Problem details |
Which lines of the entries below include "Standard"? List them all.

======== Data

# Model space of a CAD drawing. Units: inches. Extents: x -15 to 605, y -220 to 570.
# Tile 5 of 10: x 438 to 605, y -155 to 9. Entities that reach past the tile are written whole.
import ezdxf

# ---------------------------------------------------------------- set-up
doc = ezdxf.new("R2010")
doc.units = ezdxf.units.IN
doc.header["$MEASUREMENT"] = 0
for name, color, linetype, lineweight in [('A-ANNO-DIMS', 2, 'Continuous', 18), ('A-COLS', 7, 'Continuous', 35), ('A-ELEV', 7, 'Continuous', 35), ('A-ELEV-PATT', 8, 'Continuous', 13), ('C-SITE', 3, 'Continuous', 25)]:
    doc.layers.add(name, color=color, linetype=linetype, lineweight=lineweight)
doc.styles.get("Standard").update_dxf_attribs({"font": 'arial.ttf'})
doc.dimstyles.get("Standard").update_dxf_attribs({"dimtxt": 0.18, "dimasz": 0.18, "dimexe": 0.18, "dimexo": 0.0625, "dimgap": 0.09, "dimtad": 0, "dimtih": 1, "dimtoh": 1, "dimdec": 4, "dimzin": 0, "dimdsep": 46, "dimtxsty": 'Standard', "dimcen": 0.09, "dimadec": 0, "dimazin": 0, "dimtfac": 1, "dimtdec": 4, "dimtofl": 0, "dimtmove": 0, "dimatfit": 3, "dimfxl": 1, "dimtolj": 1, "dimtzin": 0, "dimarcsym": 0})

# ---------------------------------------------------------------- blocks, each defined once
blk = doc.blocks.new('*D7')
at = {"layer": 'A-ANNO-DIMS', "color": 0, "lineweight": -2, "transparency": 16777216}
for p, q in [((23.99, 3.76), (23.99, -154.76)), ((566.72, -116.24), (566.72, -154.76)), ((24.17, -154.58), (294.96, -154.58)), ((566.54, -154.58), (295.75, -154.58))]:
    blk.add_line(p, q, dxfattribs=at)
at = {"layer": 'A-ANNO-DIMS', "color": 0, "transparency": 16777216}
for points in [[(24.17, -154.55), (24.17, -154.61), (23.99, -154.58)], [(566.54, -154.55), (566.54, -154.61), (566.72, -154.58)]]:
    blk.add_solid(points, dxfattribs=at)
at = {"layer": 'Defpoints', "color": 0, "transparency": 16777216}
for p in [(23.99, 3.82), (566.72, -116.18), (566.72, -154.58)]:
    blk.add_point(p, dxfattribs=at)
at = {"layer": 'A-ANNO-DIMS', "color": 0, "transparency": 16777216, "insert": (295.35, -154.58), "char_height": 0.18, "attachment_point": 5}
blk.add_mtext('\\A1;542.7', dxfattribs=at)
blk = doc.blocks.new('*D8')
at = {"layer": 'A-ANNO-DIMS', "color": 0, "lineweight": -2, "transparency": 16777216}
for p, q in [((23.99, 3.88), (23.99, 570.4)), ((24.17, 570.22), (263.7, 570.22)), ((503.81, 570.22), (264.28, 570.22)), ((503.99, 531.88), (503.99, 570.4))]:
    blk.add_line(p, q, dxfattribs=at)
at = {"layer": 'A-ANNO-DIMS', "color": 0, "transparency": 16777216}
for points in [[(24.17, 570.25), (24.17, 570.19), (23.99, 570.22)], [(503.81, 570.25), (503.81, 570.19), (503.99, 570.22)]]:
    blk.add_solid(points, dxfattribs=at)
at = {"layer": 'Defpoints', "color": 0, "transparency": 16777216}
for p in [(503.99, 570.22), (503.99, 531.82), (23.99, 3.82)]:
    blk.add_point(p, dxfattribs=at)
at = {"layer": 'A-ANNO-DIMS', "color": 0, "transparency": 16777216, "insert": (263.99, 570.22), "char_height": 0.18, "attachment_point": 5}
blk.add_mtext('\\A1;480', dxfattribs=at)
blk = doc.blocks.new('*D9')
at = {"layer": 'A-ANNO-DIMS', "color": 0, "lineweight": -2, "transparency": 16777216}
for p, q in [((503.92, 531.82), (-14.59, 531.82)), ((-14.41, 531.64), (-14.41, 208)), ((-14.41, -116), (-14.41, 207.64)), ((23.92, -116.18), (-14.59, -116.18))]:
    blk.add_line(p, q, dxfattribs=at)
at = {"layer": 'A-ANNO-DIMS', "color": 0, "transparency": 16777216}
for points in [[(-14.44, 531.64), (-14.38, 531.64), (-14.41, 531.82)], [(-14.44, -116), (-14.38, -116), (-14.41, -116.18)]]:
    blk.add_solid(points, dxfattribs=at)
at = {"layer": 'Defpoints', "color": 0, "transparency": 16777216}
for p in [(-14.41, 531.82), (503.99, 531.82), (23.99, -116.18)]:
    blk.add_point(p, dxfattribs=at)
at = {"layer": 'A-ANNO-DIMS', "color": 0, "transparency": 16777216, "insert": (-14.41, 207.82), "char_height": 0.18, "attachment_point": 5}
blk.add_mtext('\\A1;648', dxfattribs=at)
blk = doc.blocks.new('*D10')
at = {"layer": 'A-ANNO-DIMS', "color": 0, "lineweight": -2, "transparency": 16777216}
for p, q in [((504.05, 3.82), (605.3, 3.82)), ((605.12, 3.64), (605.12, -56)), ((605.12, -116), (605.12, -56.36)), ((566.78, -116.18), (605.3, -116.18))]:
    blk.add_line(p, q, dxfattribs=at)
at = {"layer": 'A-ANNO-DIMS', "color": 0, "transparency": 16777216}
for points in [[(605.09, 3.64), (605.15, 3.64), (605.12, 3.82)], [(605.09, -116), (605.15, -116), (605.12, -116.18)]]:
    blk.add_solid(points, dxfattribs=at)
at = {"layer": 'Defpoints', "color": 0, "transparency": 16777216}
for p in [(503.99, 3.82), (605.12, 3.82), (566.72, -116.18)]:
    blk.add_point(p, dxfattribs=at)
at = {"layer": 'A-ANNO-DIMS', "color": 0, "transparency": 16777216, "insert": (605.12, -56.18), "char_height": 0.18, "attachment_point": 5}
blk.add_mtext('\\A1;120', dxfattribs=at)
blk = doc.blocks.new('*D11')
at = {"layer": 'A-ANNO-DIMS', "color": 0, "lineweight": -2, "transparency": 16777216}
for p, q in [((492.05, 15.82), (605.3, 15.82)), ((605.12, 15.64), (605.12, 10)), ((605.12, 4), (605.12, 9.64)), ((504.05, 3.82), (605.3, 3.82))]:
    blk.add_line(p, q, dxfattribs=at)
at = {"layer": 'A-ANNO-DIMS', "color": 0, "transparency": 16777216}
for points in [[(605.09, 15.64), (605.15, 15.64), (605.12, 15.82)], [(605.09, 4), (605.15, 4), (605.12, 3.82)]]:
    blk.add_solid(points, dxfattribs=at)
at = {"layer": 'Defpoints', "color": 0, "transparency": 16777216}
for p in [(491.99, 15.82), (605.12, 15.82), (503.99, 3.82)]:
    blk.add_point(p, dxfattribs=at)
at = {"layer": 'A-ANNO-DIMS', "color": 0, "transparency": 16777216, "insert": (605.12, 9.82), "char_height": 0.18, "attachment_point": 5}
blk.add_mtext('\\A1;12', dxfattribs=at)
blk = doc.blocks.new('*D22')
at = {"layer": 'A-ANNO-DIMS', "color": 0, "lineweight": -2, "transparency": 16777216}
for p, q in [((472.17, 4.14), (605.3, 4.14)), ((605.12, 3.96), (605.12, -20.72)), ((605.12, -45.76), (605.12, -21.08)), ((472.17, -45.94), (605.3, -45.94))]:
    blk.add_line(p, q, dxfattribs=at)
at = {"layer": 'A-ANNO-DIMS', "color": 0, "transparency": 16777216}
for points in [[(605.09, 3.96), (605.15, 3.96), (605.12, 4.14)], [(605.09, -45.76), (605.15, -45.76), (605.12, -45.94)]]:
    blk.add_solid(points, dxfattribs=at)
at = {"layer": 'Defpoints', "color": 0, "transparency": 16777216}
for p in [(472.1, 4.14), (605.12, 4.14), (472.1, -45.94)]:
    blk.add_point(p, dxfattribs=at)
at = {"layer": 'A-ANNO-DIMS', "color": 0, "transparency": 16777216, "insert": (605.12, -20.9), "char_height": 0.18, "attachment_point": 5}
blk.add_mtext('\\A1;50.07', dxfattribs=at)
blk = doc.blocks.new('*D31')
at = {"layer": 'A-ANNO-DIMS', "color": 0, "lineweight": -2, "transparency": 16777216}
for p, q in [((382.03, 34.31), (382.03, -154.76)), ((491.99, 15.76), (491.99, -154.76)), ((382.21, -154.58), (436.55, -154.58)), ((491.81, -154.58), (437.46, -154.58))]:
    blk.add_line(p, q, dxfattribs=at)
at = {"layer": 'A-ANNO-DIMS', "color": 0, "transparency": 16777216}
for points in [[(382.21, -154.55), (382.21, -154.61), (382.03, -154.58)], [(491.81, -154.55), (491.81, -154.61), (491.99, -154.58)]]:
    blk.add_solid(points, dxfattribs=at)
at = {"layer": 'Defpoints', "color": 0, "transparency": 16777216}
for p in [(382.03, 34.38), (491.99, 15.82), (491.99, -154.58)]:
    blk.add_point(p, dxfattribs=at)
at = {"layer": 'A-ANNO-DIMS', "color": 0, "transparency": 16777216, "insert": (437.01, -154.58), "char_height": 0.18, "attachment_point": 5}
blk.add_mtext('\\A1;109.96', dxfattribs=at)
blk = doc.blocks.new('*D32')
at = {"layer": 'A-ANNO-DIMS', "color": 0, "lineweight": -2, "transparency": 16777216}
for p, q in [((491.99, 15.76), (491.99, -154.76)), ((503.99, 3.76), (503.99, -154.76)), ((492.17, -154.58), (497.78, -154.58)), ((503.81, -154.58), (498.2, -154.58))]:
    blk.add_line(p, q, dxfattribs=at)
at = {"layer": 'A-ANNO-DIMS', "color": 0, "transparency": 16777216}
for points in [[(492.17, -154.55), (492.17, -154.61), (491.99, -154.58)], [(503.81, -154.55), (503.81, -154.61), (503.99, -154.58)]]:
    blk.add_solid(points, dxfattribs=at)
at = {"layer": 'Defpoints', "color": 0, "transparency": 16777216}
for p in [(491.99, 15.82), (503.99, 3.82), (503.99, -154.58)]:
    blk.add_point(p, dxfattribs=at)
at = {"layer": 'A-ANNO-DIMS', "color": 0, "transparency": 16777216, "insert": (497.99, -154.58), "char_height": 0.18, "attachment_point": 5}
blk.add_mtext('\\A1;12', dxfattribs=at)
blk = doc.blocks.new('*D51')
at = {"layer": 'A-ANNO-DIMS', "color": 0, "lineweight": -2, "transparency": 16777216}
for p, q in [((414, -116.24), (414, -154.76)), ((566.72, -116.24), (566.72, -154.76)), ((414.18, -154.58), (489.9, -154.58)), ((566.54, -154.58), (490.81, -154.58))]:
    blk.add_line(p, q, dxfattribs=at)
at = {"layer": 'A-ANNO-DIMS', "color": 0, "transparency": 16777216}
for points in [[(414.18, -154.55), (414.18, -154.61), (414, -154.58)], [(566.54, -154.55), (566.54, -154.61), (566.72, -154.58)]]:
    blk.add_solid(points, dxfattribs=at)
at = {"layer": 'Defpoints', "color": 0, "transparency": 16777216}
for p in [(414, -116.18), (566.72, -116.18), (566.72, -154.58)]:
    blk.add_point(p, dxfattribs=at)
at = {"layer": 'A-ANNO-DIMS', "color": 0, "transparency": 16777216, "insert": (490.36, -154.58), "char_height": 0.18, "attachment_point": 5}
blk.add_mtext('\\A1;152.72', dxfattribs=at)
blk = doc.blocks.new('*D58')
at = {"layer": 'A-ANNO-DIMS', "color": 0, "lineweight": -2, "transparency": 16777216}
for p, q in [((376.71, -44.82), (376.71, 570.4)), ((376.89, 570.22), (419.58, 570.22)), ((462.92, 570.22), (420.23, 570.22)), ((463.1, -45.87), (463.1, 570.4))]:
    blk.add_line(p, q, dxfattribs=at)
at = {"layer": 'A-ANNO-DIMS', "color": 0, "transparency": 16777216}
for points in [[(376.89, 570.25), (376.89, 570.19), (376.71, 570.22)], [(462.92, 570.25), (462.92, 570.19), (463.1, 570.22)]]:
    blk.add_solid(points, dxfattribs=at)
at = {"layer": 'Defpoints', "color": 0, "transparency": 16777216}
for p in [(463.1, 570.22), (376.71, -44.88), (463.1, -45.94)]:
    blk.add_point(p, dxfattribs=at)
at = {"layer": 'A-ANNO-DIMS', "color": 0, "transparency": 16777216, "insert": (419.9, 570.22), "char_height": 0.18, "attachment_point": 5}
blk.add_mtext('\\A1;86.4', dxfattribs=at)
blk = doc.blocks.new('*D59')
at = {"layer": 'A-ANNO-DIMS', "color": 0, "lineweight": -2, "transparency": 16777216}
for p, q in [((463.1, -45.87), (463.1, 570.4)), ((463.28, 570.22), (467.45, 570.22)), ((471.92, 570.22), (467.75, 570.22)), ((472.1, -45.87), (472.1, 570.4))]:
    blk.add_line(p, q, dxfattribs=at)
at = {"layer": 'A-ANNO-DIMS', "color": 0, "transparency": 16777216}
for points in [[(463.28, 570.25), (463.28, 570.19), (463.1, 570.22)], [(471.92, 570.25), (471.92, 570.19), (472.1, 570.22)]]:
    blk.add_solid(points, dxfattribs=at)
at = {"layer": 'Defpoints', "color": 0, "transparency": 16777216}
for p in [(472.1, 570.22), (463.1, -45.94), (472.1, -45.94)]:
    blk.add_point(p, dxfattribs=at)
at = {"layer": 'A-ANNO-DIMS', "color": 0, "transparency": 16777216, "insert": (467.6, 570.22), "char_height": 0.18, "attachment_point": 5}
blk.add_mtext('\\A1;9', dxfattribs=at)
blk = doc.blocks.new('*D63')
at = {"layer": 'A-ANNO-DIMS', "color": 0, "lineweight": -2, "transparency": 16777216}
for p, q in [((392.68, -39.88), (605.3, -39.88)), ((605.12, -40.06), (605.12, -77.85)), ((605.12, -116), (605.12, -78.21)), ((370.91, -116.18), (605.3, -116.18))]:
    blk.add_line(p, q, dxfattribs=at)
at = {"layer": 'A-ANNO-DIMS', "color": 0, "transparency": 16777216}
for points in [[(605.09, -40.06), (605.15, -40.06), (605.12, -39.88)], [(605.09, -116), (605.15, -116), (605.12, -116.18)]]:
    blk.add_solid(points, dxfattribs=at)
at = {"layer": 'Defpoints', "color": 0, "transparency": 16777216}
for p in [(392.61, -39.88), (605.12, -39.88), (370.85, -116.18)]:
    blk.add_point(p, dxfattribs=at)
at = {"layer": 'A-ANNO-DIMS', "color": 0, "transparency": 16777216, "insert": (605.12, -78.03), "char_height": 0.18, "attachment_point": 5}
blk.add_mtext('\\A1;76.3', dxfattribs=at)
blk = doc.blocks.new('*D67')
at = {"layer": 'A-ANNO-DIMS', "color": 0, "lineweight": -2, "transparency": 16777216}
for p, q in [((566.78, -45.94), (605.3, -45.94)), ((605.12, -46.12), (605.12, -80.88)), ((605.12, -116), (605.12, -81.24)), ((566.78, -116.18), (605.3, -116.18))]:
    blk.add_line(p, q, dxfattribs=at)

================

Output |
doc.styles.get("Standard").update_dxf_attribs({"font": 'arial.ttf'})
doc.dimstyles.get("Standard").update_dxf_attribs({"dimtxt": 0.18, "dimasz": 0.18, "dimexe": 0.18, "dimexo": 0.0625, "dimgap": 0.09, "dimtad": 0, "dimtih": 1, "dimtoh": 1, "dimdec": 4, "dimzin": 0, "dimdsep": 46, "dimtxsty": 'Standard', "dimcen": 0.09, "dimadec": 0, "dimazin": 0, "dimtfac": 1, "dimtdec": 4, "dimtofl": 0, "dimtmove": 0, "dimatfit": 3, "dimfxl": 1, "dimtolj": 1, "dimtzin": 0, "dimarcsym": 0})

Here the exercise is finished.